>>>
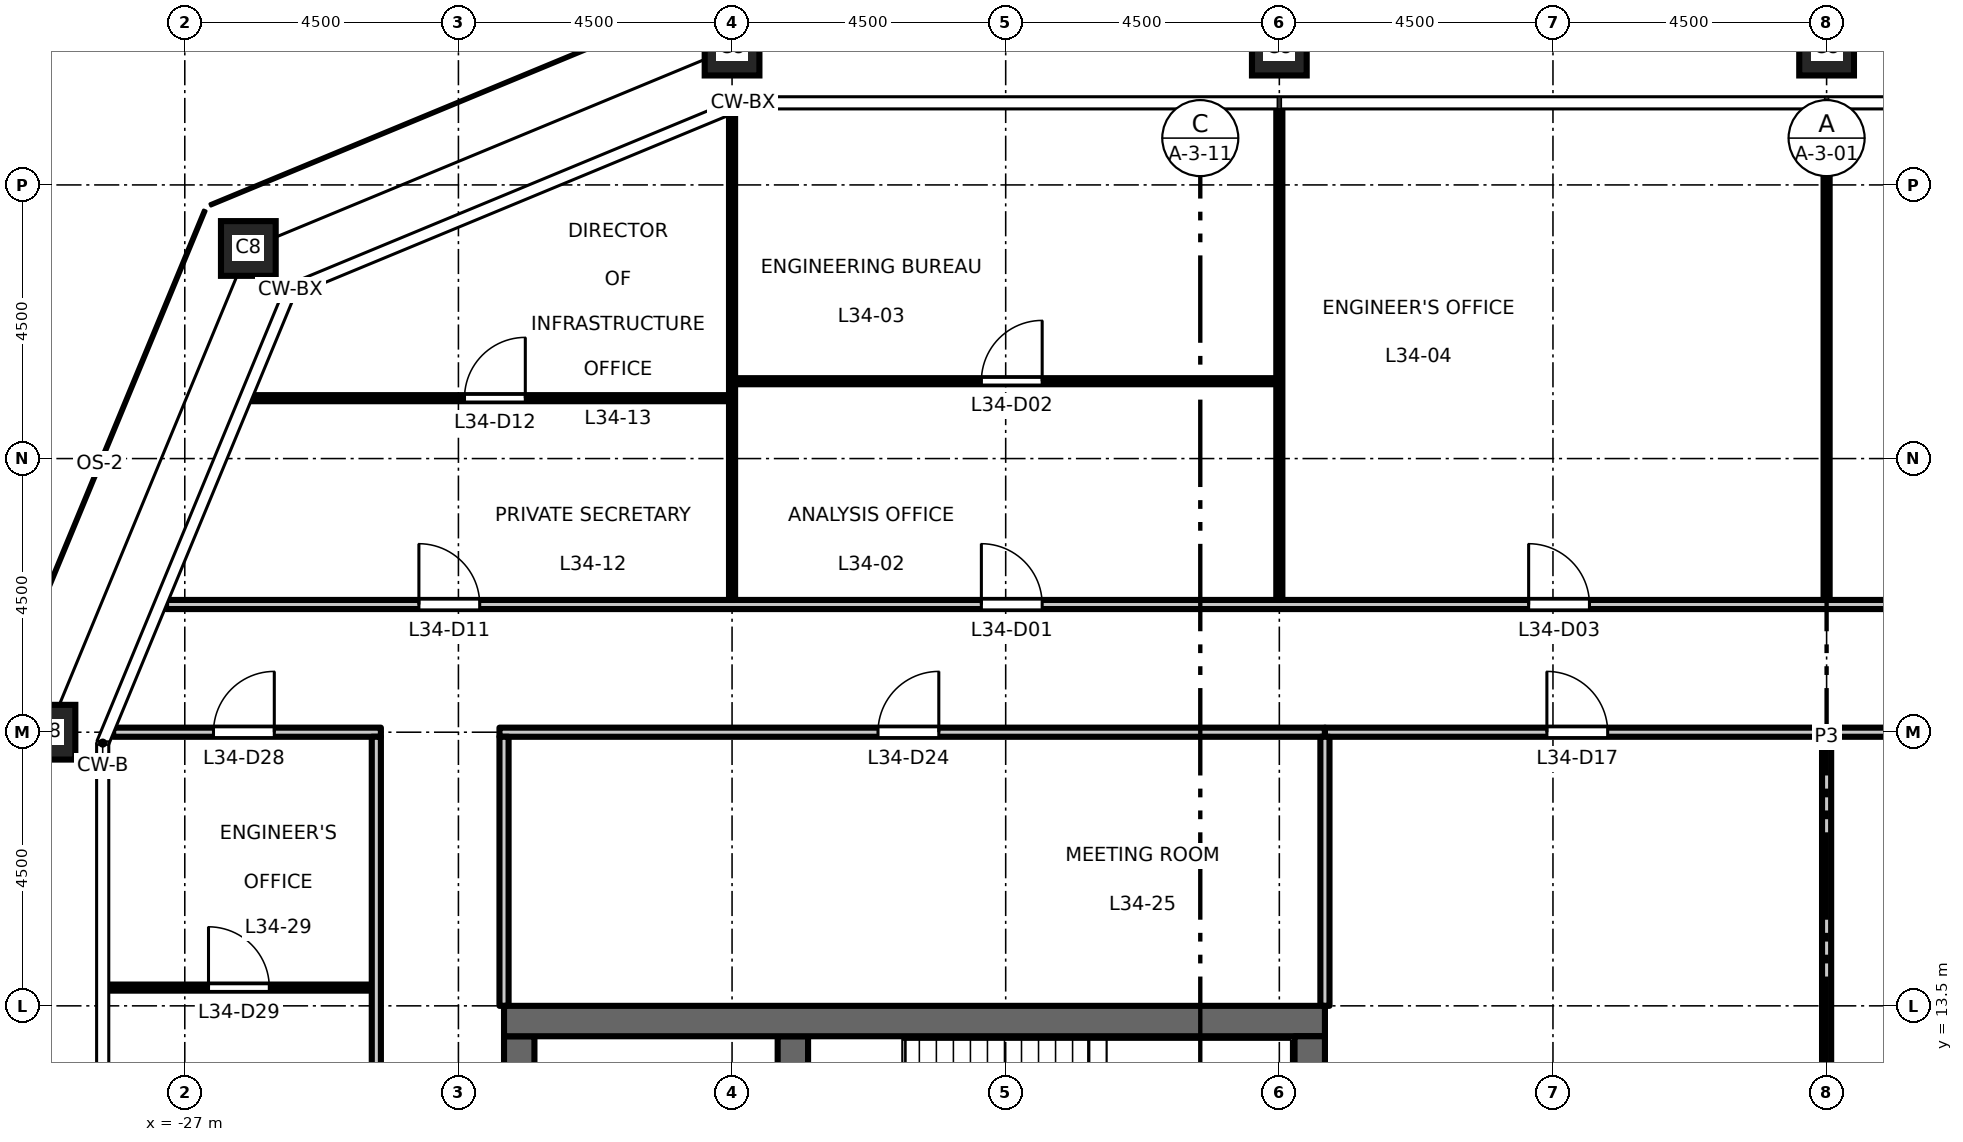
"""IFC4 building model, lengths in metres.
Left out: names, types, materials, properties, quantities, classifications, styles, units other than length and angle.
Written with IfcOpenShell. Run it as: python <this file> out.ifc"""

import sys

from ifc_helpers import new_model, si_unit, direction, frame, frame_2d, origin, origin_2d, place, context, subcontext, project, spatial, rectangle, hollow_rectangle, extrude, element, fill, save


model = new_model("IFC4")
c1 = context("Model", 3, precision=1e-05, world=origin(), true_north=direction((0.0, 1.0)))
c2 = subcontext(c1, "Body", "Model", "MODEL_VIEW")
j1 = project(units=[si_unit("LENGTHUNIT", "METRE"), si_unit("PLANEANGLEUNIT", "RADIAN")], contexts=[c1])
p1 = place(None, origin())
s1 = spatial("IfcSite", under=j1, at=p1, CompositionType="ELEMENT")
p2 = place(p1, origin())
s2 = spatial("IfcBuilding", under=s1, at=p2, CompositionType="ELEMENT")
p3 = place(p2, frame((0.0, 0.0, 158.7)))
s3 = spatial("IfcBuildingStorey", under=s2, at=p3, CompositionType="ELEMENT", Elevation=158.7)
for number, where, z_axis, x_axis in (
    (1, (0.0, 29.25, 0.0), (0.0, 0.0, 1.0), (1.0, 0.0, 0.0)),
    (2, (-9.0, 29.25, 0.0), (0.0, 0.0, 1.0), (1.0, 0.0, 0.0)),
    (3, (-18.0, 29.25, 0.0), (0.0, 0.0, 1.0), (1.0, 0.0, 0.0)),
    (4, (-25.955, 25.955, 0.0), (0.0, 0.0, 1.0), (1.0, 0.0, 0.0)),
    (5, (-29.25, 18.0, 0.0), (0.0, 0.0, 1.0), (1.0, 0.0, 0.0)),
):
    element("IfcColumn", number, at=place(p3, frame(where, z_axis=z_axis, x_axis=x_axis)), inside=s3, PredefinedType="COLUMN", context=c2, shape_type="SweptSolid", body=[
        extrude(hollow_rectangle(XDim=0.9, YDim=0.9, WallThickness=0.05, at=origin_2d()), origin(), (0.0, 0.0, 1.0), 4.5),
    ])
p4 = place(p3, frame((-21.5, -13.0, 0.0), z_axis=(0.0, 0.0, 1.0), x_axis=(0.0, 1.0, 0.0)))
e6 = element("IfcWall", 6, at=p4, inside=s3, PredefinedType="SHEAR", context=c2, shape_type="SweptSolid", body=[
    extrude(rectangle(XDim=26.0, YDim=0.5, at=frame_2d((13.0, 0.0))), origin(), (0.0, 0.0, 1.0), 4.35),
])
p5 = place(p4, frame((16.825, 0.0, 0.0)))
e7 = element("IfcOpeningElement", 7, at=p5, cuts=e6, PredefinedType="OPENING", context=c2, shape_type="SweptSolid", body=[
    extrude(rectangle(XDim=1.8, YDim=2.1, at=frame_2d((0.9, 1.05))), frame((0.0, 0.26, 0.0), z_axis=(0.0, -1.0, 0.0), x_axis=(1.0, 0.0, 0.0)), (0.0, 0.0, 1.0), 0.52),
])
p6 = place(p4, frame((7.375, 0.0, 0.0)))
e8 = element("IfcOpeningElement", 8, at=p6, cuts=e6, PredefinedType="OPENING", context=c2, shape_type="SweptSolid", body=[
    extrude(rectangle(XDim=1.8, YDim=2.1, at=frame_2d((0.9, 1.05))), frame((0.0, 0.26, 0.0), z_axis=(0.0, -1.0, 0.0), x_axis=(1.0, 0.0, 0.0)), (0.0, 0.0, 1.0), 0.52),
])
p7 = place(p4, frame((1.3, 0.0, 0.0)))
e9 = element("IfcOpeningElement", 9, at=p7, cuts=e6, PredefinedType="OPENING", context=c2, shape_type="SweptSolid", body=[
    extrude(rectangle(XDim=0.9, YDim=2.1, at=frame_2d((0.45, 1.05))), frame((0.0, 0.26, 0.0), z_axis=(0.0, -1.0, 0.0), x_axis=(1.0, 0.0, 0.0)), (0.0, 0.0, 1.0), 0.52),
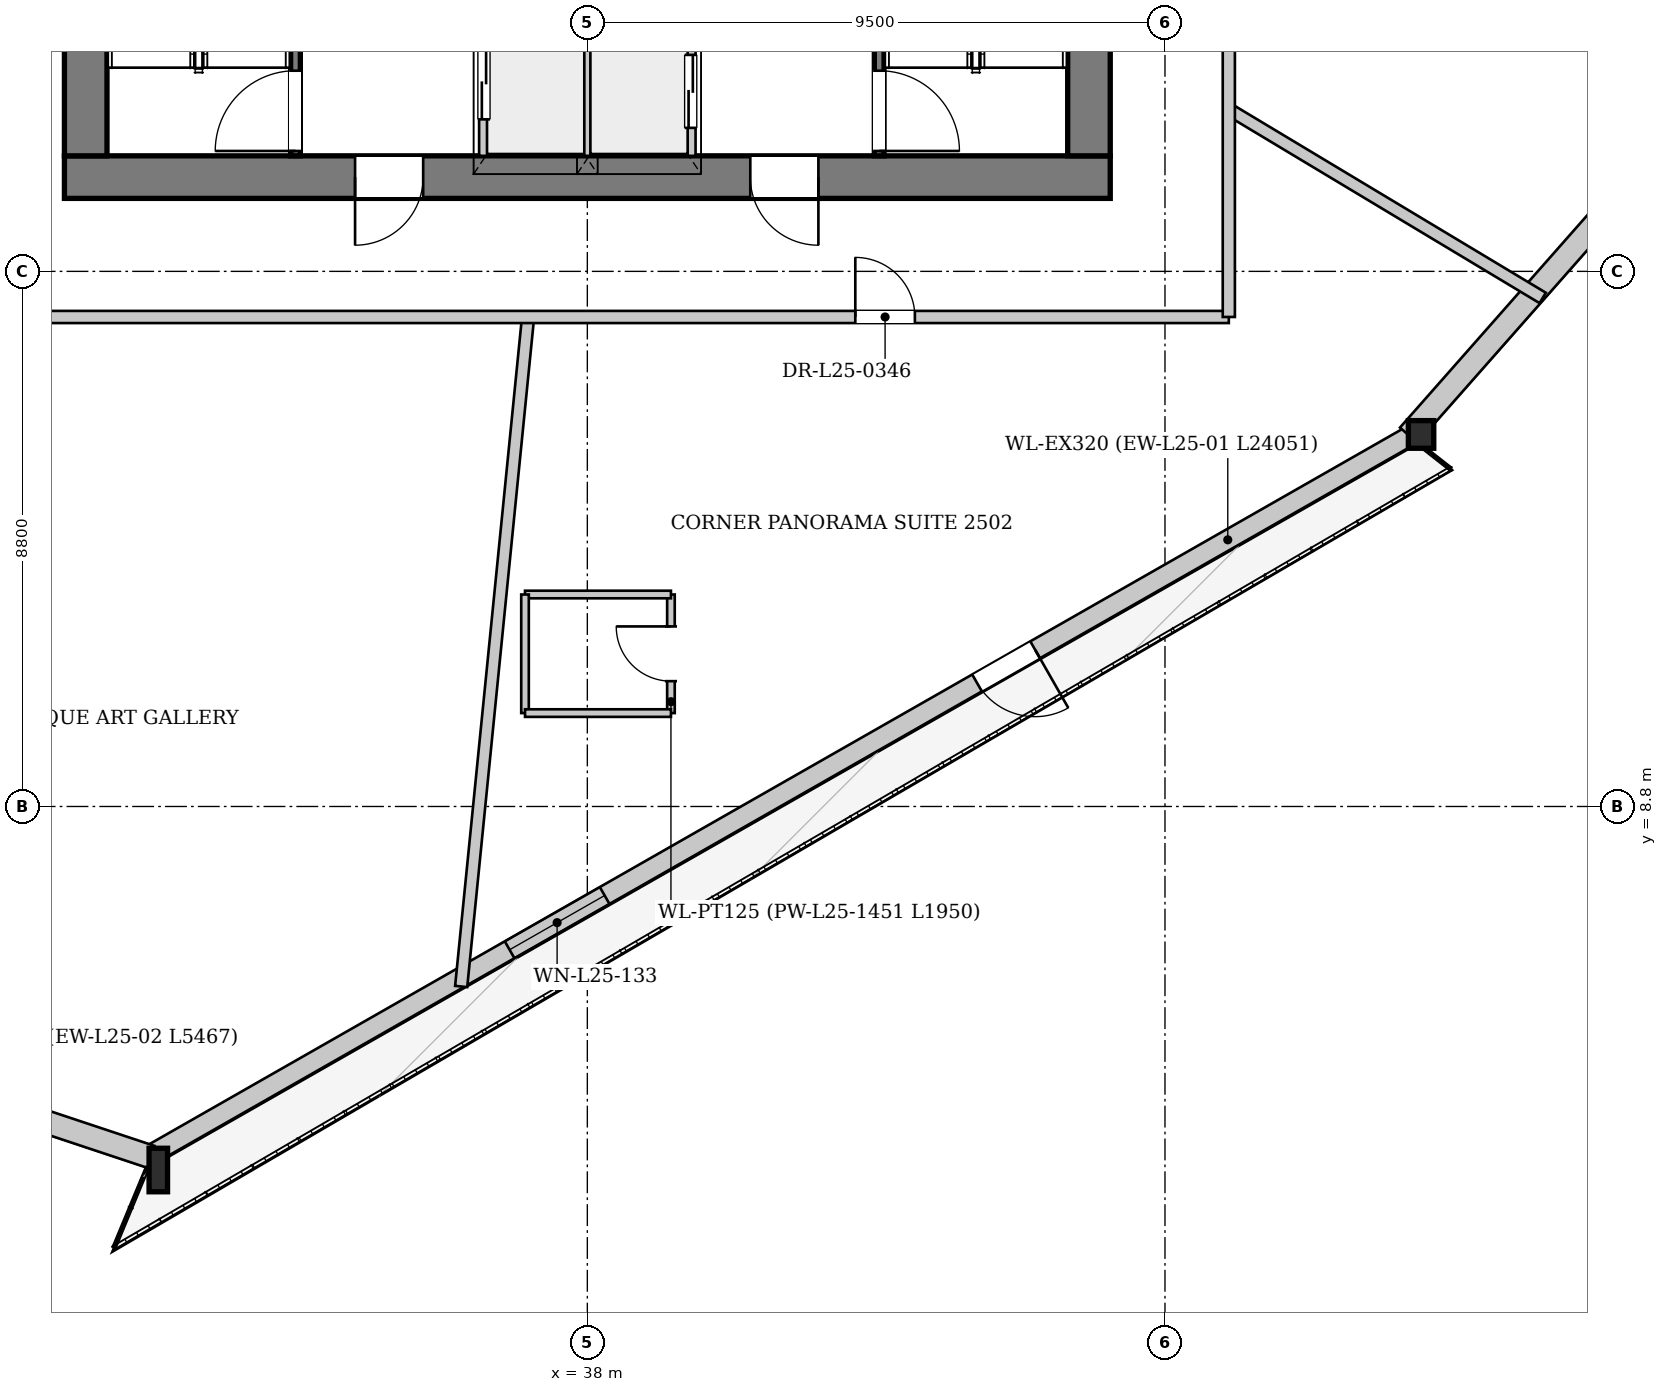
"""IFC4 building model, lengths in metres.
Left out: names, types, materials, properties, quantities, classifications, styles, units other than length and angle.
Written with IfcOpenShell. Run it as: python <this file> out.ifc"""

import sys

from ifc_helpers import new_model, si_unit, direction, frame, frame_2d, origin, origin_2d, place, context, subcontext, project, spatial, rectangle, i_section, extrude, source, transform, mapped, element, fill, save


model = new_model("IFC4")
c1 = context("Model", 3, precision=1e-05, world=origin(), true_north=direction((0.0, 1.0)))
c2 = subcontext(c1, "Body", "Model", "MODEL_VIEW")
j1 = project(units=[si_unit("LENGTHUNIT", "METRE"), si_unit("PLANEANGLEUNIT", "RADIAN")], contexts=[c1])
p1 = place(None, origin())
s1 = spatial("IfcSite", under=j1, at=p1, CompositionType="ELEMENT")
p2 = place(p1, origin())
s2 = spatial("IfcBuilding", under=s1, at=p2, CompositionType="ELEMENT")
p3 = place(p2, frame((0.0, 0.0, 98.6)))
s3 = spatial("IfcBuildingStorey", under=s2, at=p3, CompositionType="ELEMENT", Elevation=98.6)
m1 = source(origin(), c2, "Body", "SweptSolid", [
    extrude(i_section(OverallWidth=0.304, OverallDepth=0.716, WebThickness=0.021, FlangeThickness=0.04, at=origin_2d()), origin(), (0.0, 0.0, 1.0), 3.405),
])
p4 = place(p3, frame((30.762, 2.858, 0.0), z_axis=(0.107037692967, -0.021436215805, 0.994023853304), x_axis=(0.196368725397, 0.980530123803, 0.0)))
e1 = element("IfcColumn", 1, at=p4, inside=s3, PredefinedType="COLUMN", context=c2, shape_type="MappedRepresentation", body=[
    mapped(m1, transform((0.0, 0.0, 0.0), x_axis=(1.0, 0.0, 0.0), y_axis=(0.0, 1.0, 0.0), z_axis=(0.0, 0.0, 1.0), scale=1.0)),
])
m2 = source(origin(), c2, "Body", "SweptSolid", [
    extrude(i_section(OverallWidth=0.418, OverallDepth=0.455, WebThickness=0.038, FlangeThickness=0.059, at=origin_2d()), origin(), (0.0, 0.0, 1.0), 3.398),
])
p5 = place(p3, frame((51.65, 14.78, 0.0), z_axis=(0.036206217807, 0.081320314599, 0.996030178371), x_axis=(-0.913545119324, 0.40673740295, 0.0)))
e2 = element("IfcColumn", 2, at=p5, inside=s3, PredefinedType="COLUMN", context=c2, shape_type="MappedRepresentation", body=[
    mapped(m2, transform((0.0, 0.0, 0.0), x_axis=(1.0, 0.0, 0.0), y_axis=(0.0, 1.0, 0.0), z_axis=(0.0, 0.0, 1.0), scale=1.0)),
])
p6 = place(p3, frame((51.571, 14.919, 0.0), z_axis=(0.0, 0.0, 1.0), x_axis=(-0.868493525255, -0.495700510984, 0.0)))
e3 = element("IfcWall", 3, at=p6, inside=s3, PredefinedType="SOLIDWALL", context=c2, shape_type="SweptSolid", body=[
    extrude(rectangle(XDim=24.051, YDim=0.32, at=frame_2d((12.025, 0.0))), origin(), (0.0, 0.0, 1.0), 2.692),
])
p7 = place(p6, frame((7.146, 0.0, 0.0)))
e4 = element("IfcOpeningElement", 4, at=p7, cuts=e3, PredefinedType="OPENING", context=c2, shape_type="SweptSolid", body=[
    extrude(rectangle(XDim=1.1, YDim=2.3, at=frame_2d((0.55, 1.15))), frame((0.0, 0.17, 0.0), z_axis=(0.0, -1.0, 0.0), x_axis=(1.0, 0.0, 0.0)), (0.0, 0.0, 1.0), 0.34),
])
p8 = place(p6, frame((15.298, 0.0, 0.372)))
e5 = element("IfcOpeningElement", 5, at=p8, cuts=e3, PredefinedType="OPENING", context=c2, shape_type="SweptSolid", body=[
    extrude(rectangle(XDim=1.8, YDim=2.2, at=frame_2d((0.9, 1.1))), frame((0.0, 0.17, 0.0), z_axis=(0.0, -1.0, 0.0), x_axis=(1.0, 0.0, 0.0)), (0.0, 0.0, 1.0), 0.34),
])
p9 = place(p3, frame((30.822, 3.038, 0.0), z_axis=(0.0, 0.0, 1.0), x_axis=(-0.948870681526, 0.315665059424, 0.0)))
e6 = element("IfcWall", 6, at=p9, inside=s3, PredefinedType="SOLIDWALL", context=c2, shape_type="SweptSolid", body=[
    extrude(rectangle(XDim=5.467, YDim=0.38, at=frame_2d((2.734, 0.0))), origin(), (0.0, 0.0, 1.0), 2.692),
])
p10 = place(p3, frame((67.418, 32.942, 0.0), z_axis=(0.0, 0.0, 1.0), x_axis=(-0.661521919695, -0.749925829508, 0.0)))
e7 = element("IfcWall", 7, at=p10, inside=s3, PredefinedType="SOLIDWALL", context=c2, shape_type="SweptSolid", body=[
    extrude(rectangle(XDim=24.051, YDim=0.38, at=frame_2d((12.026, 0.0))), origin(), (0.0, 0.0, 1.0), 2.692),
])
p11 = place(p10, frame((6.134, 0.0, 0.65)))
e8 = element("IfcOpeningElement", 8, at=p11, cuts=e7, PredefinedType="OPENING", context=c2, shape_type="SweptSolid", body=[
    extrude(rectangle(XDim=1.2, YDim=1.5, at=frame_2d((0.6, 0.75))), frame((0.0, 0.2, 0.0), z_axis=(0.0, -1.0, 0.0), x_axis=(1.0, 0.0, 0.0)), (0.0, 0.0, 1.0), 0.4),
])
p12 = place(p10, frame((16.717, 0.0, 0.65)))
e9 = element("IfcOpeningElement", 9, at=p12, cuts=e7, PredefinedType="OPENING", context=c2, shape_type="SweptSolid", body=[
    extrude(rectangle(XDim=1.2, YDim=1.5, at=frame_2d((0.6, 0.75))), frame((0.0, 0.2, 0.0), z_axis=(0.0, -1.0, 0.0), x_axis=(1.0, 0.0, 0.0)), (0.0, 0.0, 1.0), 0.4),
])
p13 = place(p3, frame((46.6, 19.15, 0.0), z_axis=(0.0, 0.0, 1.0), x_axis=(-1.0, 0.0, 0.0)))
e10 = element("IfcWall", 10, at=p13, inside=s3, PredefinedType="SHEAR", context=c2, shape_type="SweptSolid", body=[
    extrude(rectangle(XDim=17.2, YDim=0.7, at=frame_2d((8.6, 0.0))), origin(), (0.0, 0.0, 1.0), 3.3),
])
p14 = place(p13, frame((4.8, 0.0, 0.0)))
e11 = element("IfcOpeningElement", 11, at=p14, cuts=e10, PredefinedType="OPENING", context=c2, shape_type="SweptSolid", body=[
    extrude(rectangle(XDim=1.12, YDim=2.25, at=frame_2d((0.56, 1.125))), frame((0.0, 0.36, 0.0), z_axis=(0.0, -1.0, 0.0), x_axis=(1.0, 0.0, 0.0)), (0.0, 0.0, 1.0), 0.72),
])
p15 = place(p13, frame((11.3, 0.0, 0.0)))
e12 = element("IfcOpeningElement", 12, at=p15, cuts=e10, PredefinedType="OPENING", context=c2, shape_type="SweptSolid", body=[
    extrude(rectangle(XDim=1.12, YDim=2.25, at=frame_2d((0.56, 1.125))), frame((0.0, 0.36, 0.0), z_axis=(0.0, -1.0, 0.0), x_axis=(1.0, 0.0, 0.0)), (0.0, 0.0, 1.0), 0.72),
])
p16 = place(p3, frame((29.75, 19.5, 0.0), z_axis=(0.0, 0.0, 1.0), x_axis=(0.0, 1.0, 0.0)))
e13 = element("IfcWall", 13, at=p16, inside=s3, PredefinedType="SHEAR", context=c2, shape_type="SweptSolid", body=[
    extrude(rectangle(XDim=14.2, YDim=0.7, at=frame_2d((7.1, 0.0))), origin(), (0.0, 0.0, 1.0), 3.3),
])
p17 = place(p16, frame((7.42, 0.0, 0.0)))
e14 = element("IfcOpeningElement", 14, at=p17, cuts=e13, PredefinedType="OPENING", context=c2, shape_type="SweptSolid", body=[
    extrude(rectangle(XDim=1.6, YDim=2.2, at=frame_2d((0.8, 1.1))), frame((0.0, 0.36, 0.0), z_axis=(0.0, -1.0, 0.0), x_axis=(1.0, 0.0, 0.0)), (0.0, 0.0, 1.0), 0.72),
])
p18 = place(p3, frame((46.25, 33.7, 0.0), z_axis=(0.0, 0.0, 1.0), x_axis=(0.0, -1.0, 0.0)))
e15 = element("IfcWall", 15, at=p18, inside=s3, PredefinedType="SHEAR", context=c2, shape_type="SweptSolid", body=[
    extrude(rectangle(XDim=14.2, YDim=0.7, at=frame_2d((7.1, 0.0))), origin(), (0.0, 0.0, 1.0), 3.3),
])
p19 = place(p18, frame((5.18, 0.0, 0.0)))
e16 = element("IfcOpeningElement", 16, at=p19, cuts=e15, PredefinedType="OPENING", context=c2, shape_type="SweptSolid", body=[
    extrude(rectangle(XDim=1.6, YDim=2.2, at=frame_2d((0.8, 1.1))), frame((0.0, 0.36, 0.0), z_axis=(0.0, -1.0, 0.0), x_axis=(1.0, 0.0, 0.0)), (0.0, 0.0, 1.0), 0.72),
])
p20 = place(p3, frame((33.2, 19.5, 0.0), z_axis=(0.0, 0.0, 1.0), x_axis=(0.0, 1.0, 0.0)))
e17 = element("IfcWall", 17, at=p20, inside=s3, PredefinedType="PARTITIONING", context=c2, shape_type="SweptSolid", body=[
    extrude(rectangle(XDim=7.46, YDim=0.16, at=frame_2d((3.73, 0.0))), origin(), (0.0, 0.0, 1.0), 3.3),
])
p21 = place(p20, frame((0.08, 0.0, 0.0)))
<<<
## Your instructions
A single number is required: the count of lines in the data above that include the string "OverallDepth".

## Written response
2